(Beginning of Listed entries)

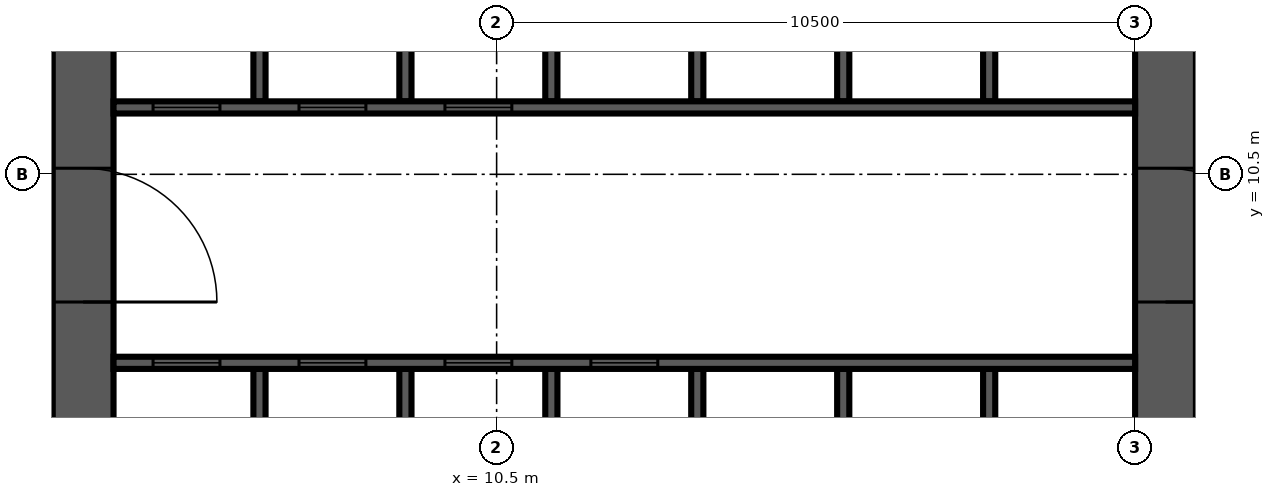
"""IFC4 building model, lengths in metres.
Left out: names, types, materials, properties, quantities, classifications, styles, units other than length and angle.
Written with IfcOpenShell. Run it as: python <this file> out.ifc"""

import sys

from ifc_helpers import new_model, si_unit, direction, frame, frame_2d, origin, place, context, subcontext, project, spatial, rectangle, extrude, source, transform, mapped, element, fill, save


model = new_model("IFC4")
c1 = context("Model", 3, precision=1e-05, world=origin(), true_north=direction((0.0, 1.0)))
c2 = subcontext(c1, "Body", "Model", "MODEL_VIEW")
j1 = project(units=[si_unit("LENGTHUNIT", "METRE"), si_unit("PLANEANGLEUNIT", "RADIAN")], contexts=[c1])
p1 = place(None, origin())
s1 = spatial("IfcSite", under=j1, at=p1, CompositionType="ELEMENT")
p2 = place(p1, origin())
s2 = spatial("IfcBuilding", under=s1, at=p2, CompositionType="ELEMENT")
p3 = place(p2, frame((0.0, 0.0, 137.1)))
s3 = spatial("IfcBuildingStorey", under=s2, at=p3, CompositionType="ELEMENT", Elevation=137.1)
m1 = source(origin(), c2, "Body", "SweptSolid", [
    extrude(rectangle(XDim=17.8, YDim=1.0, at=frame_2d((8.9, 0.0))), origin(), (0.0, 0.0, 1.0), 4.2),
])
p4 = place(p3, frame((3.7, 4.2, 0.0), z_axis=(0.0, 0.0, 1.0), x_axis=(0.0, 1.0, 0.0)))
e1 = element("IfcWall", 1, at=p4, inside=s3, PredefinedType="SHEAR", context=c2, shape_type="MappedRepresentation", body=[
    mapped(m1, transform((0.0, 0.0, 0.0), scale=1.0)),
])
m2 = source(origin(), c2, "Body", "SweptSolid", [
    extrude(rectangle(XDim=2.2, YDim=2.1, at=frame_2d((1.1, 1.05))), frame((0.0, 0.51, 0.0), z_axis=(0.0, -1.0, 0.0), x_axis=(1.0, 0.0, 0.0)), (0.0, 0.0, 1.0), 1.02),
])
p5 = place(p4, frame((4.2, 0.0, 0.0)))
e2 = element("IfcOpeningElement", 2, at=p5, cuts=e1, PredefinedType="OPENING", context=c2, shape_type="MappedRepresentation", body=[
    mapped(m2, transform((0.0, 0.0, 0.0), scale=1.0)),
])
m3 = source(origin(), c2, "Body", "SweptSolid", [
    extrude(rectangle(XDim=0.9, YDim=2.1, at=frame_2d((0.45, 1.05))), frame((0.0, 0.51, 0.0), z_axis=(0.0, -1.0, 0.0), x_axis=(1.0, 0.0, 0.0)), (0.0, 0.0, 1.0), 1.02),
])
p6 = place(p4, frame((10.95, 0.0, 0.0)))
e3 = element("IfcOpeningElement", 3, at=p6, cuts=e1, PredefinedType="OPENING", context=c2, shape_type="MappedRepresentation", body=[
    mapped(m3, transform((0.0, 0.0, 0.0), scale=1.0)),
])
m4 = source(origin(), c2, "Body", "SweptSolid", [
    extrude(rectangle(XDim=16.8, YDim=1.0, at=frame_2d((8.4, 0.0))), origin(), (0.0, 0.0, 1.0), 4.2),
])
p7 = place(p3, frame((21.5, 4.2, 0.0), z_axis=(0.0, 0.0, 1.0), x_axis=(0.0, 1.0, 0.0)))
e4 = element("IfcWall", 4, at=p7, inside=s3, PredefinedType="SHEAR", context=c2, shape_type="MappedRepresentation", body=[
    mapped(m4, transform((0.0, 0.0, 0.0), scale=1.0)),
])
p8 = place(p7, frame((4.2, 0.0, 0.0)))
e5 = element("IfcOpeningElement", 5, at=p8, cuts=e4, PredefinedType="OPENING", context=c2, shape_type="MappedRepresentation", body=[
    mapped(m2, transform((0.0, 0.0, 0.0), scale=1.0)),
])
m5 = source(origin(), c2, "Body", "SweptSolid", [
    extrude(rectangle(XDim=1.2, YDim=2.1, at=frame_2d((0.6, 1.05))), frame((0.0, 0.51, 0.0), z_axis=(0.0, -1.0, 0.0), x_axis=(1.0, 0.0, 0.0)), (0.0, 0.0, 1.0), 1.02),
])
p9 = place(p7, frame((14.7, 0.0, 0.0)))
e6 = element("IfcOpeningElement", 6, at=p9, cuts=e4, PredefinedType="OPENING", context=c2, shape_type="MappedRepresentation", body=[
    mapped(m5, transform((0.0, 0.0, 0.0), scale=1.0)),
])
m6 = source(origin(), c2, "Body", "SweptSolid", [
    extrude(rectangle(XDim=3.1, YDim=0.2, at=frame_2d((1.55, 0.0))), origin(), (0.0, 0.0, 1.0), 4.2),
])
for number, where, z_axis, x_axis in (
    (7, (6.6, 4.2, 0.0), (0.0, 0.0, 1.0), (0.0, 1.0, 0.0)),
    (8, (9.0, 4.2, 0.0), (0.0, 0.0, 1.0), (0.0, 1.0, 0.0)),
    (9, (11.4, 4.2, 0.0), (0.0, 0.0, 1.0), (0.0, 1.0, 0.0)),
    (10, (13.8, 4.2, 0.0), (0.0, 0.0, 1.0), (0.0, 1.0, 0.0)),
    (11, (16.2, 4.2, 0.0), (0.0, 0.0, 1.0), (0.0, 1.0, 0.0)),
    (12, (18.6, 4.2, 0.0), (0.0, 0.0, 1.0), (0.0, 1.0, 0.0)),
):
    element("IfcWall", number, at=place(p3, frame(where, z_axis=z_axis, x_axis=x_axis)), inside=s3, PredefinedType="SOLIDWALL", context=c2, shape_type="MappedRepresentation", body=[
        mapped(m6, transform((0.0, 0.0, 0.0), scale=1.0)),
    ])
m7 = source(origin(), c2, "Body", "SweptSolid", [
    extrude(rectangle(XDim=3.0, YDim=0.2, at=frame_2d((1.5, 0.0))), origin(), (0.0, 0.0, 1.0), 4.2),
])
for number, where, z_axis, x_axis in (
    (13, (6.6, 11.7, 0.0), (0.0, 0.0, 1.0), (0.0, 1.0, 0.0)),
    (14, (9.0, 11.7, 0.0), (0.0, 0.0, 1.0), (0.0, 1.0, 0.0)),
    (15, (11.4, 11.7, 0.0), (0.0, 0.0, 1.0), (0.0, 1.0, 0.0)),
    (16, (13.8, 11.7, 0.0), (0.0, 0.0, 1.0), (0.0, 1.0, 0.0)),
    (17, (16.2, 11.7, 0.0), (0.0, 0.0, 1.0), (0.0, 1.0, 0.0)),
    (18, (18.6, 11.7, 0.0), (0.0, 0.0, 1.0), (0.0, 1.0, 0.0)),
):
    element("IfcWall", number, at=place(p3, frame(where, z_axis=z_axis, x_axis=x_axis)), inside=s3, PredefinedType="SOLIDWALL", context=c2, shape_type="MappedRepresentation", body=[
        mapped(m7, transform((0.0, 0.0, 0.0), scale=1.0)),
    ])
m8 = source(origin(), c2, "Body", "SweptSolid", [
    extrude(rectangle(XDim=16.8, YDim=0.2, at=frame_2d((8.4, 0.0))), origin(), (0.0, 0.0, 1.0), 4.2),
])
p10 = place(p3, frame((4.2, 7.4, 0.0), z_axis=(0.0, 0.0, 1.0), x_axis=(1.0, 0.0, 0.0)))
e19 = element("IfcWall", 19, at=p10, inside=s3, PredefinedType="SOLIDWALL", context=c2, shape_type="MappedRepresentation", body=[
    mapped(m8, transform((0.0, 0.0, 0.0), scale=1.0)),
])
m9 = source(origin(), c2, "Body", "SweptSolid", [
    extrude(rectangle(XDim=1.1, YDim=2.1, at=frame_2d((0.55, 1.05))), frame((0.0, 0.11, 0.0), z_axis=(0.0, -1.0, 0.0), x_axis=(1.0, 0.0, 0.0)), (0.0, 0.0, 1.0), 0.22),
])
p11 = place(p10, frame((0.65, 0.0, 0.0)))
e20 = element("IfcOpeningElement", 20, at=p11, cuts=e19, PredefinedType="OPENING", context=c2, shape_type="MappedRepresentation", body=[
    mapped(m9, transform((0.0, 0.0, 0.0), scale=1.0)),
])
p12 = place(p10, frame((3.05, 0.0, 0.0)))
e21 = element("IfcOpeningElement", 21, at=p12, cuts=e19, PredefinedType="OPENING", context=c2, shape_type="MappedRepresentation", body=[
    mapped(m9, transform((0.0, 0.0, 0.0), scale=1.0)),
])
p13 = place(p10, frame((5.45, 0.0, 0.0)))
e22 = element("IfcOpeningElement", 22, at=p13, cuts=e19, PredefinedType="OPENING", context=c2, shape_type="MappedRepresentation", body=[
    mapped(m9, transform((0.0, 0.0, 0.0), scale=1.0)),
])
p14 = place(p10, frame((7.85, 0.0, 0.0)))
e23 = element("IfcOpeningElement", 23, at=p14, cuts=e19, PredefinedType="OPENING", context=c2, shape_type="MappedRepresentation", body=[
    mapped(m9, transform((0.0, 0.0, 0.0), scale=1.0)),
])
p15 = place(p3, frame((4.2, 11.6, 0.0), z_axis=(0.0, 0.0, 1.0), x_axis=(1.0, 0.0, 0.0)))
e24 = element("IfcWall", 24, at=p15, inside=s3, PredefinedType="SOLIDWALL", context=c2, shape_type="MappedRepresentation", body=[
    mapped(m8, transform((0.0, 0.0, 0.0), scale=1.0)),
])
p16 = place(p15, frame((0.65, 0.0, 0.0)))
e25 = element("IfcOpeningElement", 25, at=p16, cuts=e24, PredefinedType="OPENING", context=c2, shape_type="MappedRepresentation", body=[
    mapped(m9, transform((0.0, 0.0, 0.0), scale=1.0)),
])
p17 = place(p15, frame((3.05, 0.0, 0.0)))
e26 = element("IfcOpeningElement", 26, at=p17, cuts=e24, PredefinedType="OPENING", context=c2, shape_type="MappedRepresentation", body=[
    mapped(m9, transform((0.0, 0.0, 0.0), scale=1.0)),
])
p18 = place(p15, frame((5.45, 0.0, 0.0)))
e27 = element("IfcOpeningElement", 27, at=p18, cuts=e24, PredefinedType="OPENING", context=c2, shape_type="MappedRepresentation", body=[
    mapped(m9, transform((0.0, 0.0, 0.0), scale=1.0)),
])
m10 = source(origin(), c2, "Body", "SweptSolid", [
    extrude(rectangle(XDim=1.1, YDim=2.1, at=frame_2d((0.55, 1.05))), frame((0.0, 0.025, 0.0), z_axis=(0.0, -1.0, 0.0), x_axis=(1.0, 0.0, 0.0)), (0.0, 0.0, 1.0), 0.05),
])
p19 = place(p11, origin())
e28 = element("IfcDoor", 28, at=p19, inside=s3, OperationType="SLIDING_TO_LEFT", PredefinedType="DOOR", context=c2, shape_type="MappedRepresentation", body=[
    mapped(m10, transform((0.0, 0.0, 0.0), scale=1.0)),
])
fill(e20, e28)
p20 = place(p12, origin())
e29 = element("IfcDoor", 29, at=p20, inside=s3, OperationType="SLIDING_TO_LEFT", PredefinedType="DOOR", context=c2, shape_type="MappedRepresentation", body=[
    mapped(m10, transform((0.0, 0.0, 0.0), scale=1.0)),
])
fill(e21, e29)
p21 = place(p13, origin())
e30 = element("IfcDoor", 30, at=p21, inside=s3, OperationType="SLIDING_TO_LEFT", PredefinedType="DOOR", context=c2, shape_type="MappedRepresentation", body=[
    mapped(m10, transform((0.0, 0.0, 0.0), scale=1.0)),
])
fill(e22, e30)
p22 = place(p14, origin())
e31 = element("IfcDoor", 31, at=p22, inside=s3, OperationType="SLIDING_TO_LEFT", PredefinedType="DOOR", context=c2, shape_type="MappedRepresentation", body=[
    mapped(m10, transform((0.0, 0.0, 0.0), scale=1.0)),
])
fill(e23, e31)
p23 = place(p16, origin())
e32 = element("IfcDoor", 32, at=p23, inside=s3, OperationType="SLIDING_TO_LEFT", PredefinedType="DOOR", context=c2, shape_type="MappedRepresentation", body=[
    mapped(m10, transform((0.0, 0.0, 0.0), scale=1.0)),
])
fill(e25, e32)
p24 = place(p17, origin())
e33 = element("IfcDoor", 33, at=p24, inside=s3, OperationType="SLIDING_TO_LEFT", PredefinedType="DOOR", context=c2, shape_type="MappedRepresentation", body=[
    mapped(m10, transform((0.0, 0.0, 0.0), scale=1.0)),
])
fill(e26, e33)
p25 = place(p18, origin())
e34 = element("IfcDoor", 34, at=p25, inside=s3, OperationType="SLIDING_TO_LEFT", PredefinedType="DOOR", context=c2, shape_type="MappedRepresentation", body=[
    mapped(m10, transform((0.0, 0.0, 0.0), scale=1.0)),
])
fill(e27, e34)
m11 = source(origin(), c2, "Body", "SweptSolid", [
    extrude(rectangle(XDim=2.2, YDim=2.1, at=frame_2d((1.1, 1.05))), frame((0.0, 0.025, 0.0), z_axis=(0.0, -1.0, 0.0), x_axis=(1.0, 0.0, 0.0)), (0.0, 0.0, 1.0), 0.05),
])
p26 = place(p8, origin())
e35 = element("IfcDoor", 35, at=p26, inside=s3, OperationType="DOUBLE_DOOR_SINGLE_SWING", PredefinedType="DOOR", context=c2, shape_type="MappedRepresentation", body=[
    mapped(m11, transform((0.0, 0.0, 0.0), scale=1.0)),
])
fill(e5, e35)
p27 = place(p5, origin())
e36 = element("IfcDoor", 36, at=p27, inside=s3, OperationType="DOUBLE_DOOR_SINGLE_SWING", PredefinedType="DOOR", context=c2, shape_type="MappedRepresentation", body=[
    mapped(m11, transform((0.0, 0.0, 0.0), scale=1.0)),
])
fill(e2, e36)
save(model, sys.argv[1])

(End of Listed entries)

_Problem details_: Gather up the lines containing the word "subcontext" from these records and copy them.

_Expected output_:
from ifc_helpers import new_model, si_unit, direction, frame, frame_2d, origin, place, context, subcontext, project, spatial, rectangle, extrude, source, transform, mapped, element, fill, save
c2 = subcontext(c1, "Body", "Model", "MODEL_VIEW")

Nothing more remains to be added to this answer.